[Problem statement]: Wherever a line of the records contains "color", copy that line.

Stored data:
-----

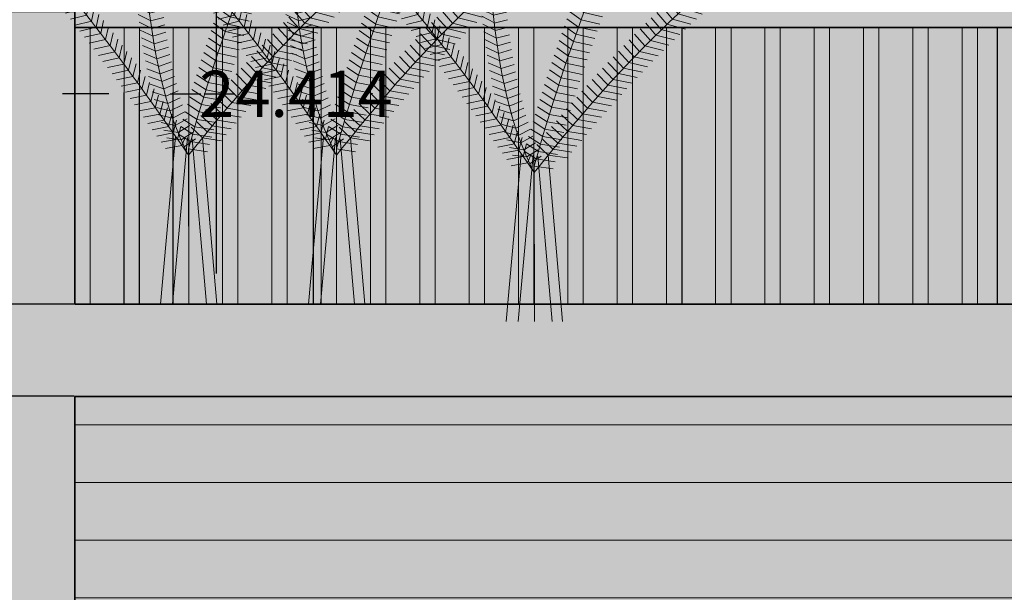
# Model space of a CAD drawing. Units: inches. Extents: x 184 to 649, y 215 to 818.
# Tile 5 of 9: x 254 to 382, y 473 to 548. Entities that reach past the tile are written whole.
import ezdxf

# ---------------------------------------------------------------- set-up
doc = ezdxf.new("R2010")
doc.units = ezdxf.units.IN
doc.header["$MEASUREMENT"] = 0
for name, color, linetype, lineweight in [('A-ANNO-DIMS', 2, 'Continuous', 18), ('A-DOOR', 4, 'Continuous', 25), ('A-ELEV', 7, 'Continuous', 35), ('A-ELEV-FILL', 9, 'Continuous', 13), ('A-ELEV-PATT', 8, 'Continuous', 13), ('A-ELEV-RAIL', 8, 'Continuous', 18), ('L-PLNT', 84, 'Continuous', 13)]:
    doc.layers.add(name, color=color, linetype=linetype, lineweight=lineweight)
doc.styles.get("Standard").update_dxf_attribs({"font": 'arial.ttf'})
doc.dimstyles.get("Standard").update_dxf_attribs({"dimtxt": 6, "dimasz": 4, "dimexe": 0.18, "dimexo": 0.0625, "dimgap": 0.09, "dimtad": 0, "dimtih": 1, "dimtoh": 1, "dimdec": 0, "dimzin": 0, "dimdsep": 46, "dimlunit": 3, "dimtxsty": 'Standard', "dimcen": 0.09, "dimadec": 0, "dimazin": 0, "dimtfac": 1, "dimtdec": 0, "dimtofl": 0, "dimtmove": 0, "dimatfit": 3, "dimfxl": 1, "dimtolj": 1, "dimtzin": 0, "dimarcsym": 0})

# ---------------------------------------------------------------- blocks, each defined once
blk = doc.blocks.new('PLANT-PALM')
for p, q in [((274.94, 416.06), (273.31, 416.97)), ((274.8, 417.06), (274.61, 417.16)), ((274.73, 417.05), (276.46, 417.47)), ((274.87, 416.06), (276.6, 416.47)), ((299.15, 415.59), (297.73, 416.77)), ((299.55, 416.5), (298.76, 417.16)), ((299.55, 416.5), (301.94, 415.78)), ((300.78, 417.16), (302.34, 416.68)), ((275.06, 415.07), (273.44, 415.99)), ((275, 415.07), (276.73, 415.46)), ((298.74, 414.67), (297.33, 415.85)), ((299.14, 415.59), (301.53, 414.87)), ((275.18, 414.08), (273.57, 415)), ((275.3, 413.08), (273.69, 414.02)), ((275.12, 414.07), (276.85, 414.46)), ((297.95, 412.84), (296.52, 414.01)), ((298.34, 413.75), (296.92, 414.93)), ((298.34, 413.75), (300.74, 413.04)), ((298.74, 414.67), (301.13, 413.96)), ((275.4, 412.09), (273.8, 413.03)), ((275.23, 413.08), (276.97, 413.45)), ((275.34, 412.09), (277.08, 412.45)), ((297.55, 411.92), (296.12, 413.09)), ((297.94, 412.84), (300.34, 412.13)), ((275.51, 411.09), (273.9, 412.04)), ((275.44, 411.09), (277.18, 411.45)), ((296.76, 410.08), (295.33, 411.24)), ((297.16, 411), (295.73, 412.16)), ((297.55, 411.92), (299.94, 411.22)), ((275.6, 410.1), (274, 411.05)), ((275.69, 409.1), (274.1, 410.06)), ((275.54, 410.1), (277.28, 410.45)), ((296.38, 409.16), (294.94, 410.32)), ((296.76, 410.08), (299.16, 409.39)), ((297.16, 411), (299.55, 410.3)), ((275.78, 408.11), (274.19, 409.06)), ((275.63, 409.1), (277.38, 409.45)), ((295.99, 408.23), (294.55, 409.39)), ((296.37, 409.16), (298.78, 408.47)), ((275.87, 407.11), (274.28, 408.07)), ((275.72, 408.1), (277.47, 408.45)), ((275.81, 407.11), (277.55, 407.44)), ((295.22, 406.39), (293.78, 407.54)), ((295.6, 407.31), (294.16, 408.46)), ((295.99, 408.24), (298.39, 407.56)), ((275.95, 406.11), (274.36, 407.08)), ((276.03, 405.12), (274.44, 406.08)), ((275.89, 406.11), (277.64, 406.45)), ((294.84, 405.46), (293.39, 406.61)), ((295.22, 406.39), (297.62, 405.72)), ((295.6, 407.31), (298.01, 406.64)), ((276.11, 404.12), (274.52, 405.08)), ((275.97, 405.11), (277.72, 405.45)), ((294.46, 404.54), (293.01, 405.68)), ((294.84, 405.46), (297.25, 404.8)), ((276.19, 403.12), (274.6, 404.09)), ((276.05, 404.12), (277.8, 404.45)), ((293.71, 402.68), (292.26, 403.82)), ((294.08, 403.61), (292.63, 404.75)), ((294.08, 403.61), (296.49, 402.96)), ((294.46, 404.54), (296.87, 403.88)), ((276.27, 402.13), (274.68, 403.09)), ((276.13, 403.12), (277.88, 403.45)), ((276.21, 402.12), (277.96, 402.46)), ((293.34, 401.76), (291.88, 402.89)), ((293.71, 402.68), (296.12, 402.04)), ((276.35, 401.13), (274.75, 402.09)), ((276.43, 400.13), (274.83, 401.09)), ((276.29, 401.13), (278.04, 401.46)), ((292.6, 399.9), (291.14, 401.02)), ((292.97, 400.83), (291.51, 401.95)), ((293.34, 401.76), (295.75, 401.12)), ((276.51, 399.14), (274.91, 400.09)), ((276.37, 400.13), (278.12, 400.47)), ((292.24, 398.97), (290.77, 400.08)), ((292.6, 399.9), (295.02, 399.27)), ((292.97, 400.83), (295.38, 400.2)), ((276.59, 398.14), (274.99, 399.09)), ((276.45, 399.13), (278.2, 399.47)), ((276.53, 398.14), (278.28, 398.48)), ((291.87, 398.03), (290.41, 399.15)), ((292.24, 398.97), (294.65, 398.35)), ((262.25, 396.34), (262.49, 398.02)), ((262.93, 395.6), (263.18, 397.28)), ((276.67, 397.14), (275.07, 398.09)), ((276.76, 396.15), (275.15, 397.08)), ((276.62, 397.14), (278.36, 397.49)), ((291.16, 396.17), (289.68, 397.27)), ((291.51, 397.1), (290.04, 398.21)), ((291.51, 397.1), (293.94, 396.5)), ((291.87, 398.03), (294.29, 397.42)), ((263.6, 394.85), (263.86, 396.53)), ((276.84, 395.15), (275.23, 396.08)), ((276.7, 396.14), (278.45, 396.5)), ((290.8, 395.23), (289.33, 396.34)), ((291.16, 396.17), (293.58, 395.57)), ((262.93, 395.59), (260.85, 394.94)), ((263.6, 394.85), (261.51, 394.21)), ((264.26, 394.11), (264.53, 395.78)), ((264.91, 393.35), (265.2, 395.02)), ((276.94, 394.16), (275.32, 395.08)), ((276.79, 395.15), (278.54, 395.51)), ((276.89, 394.15), (278.63, 394.52)), ((290.45, 394.3), (288.97, 395.4)), ((290.8, 395.23), (293.23, 394.64)), ((264.26, 394.1), (262.17, 393.48)), ((264.92, 393.35), (262.82, 392.74)), ((265.57, 392.59), (265.86, 394.26)), ((266.21, 391.83), (266.52, 393.5)), ((277.03, 393.16), (275.41, 394.07)), ((276.99, 393.16), (278.72, 393.54)), ((289.75, 392.42), (288.27, 393.51)), ((290.1, 393.36), (288.62, 394.45)), ((290.1, 393.36), (292.53, 392.78)), ((290.45, 394.3), (292.88, 393.71)), ((302.82, 391.73), (301.57, 393.3)), ((303.57, 392.39), (302.33, 393.98)), ((265.57, 392.59), (263.47, 391.99)), ((266.85, 391.06), (267.17, 392.73)), ((277.13, 392.17), (275.5, 393.07)), ((277.24, 391.17), (275.6, 392.06)), ((277.09, 392.16), (278.82, 392.55)), ((289.41, 391.48), (287.92, 392.57)), ((289.75, 392.42), (292.18, 391.85)), ((302.08, 391.06), (300.81, 392.62)), ((266.22, 391.82), (264.11, 391.25)), ((266.86, 391.06), (264.75, 390.49)), ((267.49, 390.29), (267.81, 391.95)), ((268.12, 389.51), (268.45, 391.17)), ((277.35, 390.18), (275.71, 391.05)), ((277.19, 391.17), (278.93, 391.57)), ((288.73, 389.6), (287.23, 390.68)), ((289.07, 390.54), (287.57, 391.62)), ((289.41, 391.48), (291.84, 390.92)), ((300.61, 389.7), (299.32, 391.25)), ((301.34, 390.38), (300.06, 391.94)), ((302.08, 391.06), (304.47, 390.35)), ((302.82, 391.73), (305.21, 391)), ((267.49, 390.29), (265.38, 389.73)), ((268.12, 389.51), (266.01, 388.97)), ((268.75, 388.73), (269.09, 390.39)), ((269.37, 387.95), (269.72, 389.61)), ((277.47, 389.19), (275.82, 390.05)), ((277.31, 390.18), (279.04, 390.59)), ((277.43, 389.18), (279.15, 389.61)), ((288.39, 388.66), (286.89, 389.73)), ((288.73, 389.6), (291.16, 389.05)), ((289.07, 390.54), (291.5, 389.98)), ((299.16, 388.32), (297.85, 389.85)), ((299.88, 389.01), (298.59, 390.55)), ((300.61, 389.7), (303.01, 389.03)), ((301.34, 390.38), (303.74, 389.69)), ((268.75, 388.73), (266.64, 388.2)), ((269.99, 387.16), (270.34, 388.82)), ((277.6, 388.2), (275.94, 389.04)), ((277.56, 388.19), (279.28, 388.63)), ((288.06, 387.72), (286.56, 388.79)), ((288.39, 388.66), (290.83, 388.12)), ((297.74, 386.91), (296.41, 388.42)), ((298.45, 387.62), (297.13, 389.14)), ((299.16, 388.32), (301.58, 387.68)), ((299.88, 389.01), (302.29, 388.36)), ((269.37, 387.95), (267.26, 387.43)), ((269.99, 387.16), (267.87, 386.65)), ((270.6, 386.37), (270.97, 388.03)), ((271.21, 385.58), (271.58, 387.24)), ((277.73, 387.21), (276.06, 388.03)), ((277.87, 386.22), (276.2, 387.03)), ((277.69, 387.2), (279.41, 387.66)), ((287.4, 385.83), (285.89, 386.89)), ((287.73, 386.77), (286.22, 387.84)), ((288.06, 387.72), (290.5, 387.18)), ((296.33, 385.49), (294.99, 386.98)), ((297.03, 386.2), (295.69, 387.71)), ((297.74, 386.91), (300.16, 386.31)), ((298.45, 387.62), (300.87, 387)), ((270.61, 386.37), (268.48, 385.87)), ((271.22, 385.58), (269.09, 385.09)), ((271.82, 384.79), (272.2, 386.44)), ((272.42, 383.99), (272.8, 385.64)), ((278.02, 385.23), (276.34, 386.02)), ((277.83, 386.21), (279.55, 386.69)), ((277.99, 385.22), (279.69, 385.72)), ((287.08, 384.88), (285.56, 385.94)), ((287.4, 385.83), (289.84, 385.31)), ((287.73, 386.77), (290.17, 386.25)), ((295.64, 384.77), (294.28, 386.26)), ((297.03, 386.2), (299.46, 385.61)), ((271.82, 384.79), (269.7, 384.3)), ((273.02, 383.19), (273.41, 384.84)), ((278.18, 384.24), (276.49, 385.01)), ((278.15, 384.24), (279.85, 384.75)), ((286.76, 383.94), (285.24, 384.98)), ((287.08, 384.88), (289.52, 384.37)), ((294.26, 383.32), (292.89, 384.79)), ((294.95, 384.05), (293.58, 385.53)), ((295.64, 384.77), (298.07, 384.21)), ((296.33, 385.49), (298.76, 384.92)), ((272.43, 383.99), (270.3, 383.51)), ((273.03, 383.19), (270.9, 382.72)), ((273.62, 382.39), (274.01, 384.04)), ((274.21, 381.58), (274.61, 383.23)), ((278.36, 383.26), (276.65, 384)), ((278.54, 382.28), (276.83, 382.99)), ((278.32, 383.25), (280.02, 383.79)), ((286.12, 382.04), (284.6, 383.08)), ((286.44, 382.99), (284.92, 384.03)), ((286.75, 383.94), (289.2, 383.43)), ((292.9, 381.85), (291.51, 383.31)), ((293.58, 382.59), (292.2, 384.05)), ((294.26, 383.32), (296.7, 382.79)), ((294.95, 384.05), (297.38, 383.5)), ((273.62, 382.39), (271.49, 381.93)), ((274.8, 380.78), (275.21, 382.42)), ((278.74, 381.3), (277.01, 381.99)), ((278.51, 382.27), (280.2, 382.83)), ((278.71, 381.29), (280.39, 381.87)), ((285.81, 381.09), (284.28, 382.12)), ((286.12, 382.04), (288.57, 381.55)), ((286.44, 382.99), (288.88, 382.49)), ((291.56, 380.37), (290.15, 381.81)), ((292.23, 381.11), (290.83, 382.56)), ((292.9, 381.85), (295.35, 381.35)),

-----

[Answer section]:
for name, color, linetype, lineweight in [('A-ANNO-DIMS', 2, 'Continuous', 18), ('A-DOOR', 4, 'Continuous', 25), ('A-ELEV', 7, 'Continuous', 35), ('A-ELEV-FILL', 9, 'Continuous', 13), ('A-ELEV-PATT', 8, 'Continuous', 13), ('A-ELEV-RAIL', 8, 'Continuous', 18), ('L-PLNT', 84, 'Continuous', 13)]:
    doc.layers.add(name, color=color, linetype=linetype, lineweight=lineweight)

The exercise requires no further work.